Dataset excerpts |
──────────────────────────────

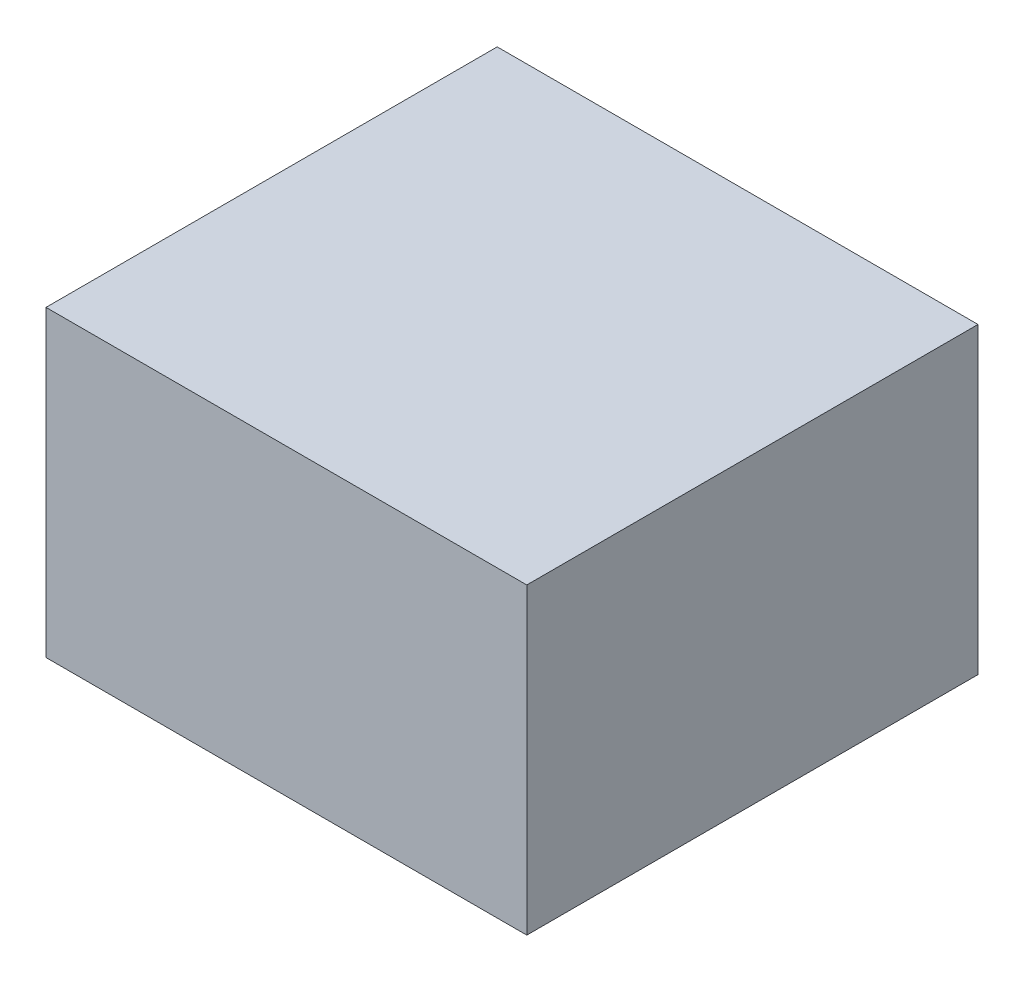
SolidWorks part; units mm, degrees
material "海绵"
ref_plane "Front Plane" through (0, 0, 0) normal (0, 0, 1) x (1, 0, 0)
ref_plane "Top Plane" through (0, 0, 0) normal (0, 1, 0) x (1, 0, 0)
ref_plane "Right Plane" through (0, 0, 0) normal (1, 0, 0) x (0, 0, -1)
sketch "Sketch1" plane through (0, 0, 0) normal (0, 1, 0) x (1, 0, 0)
  line L1 (0, 0) -> (6.5, 0)
  line L2 (0, 0) -> (0, 6.1)
  line L3 (0, 6.1) -> (6.5, 6.1)
  line L4 (6.5, 0) -> (6.5, 6.1)
  dimension "D1" = 6.5
  dimension "D2" = 6.1
extrude "Boss-Extrude1" add sketch "Sketch1" along normal blind 4.1

──────────────────────────────

Instructions to follow | Only the line containing "line L3 (0, 6.1) -> (6.5, 6.1)" and the lines after it, through the end of the data, should be copied, exactly as they are.

Solution to this exercise |
  line L3 (0, 6.1) -> (6.5, 6.1)
  line L4 (6.5, 0) -> (6.5, 6.1)
  dimension "D1" = 6.5
  dimension "D2" = 6.1
extrude "Boss-Extrude1" add sketch "Sketch1" along normal blind 4.1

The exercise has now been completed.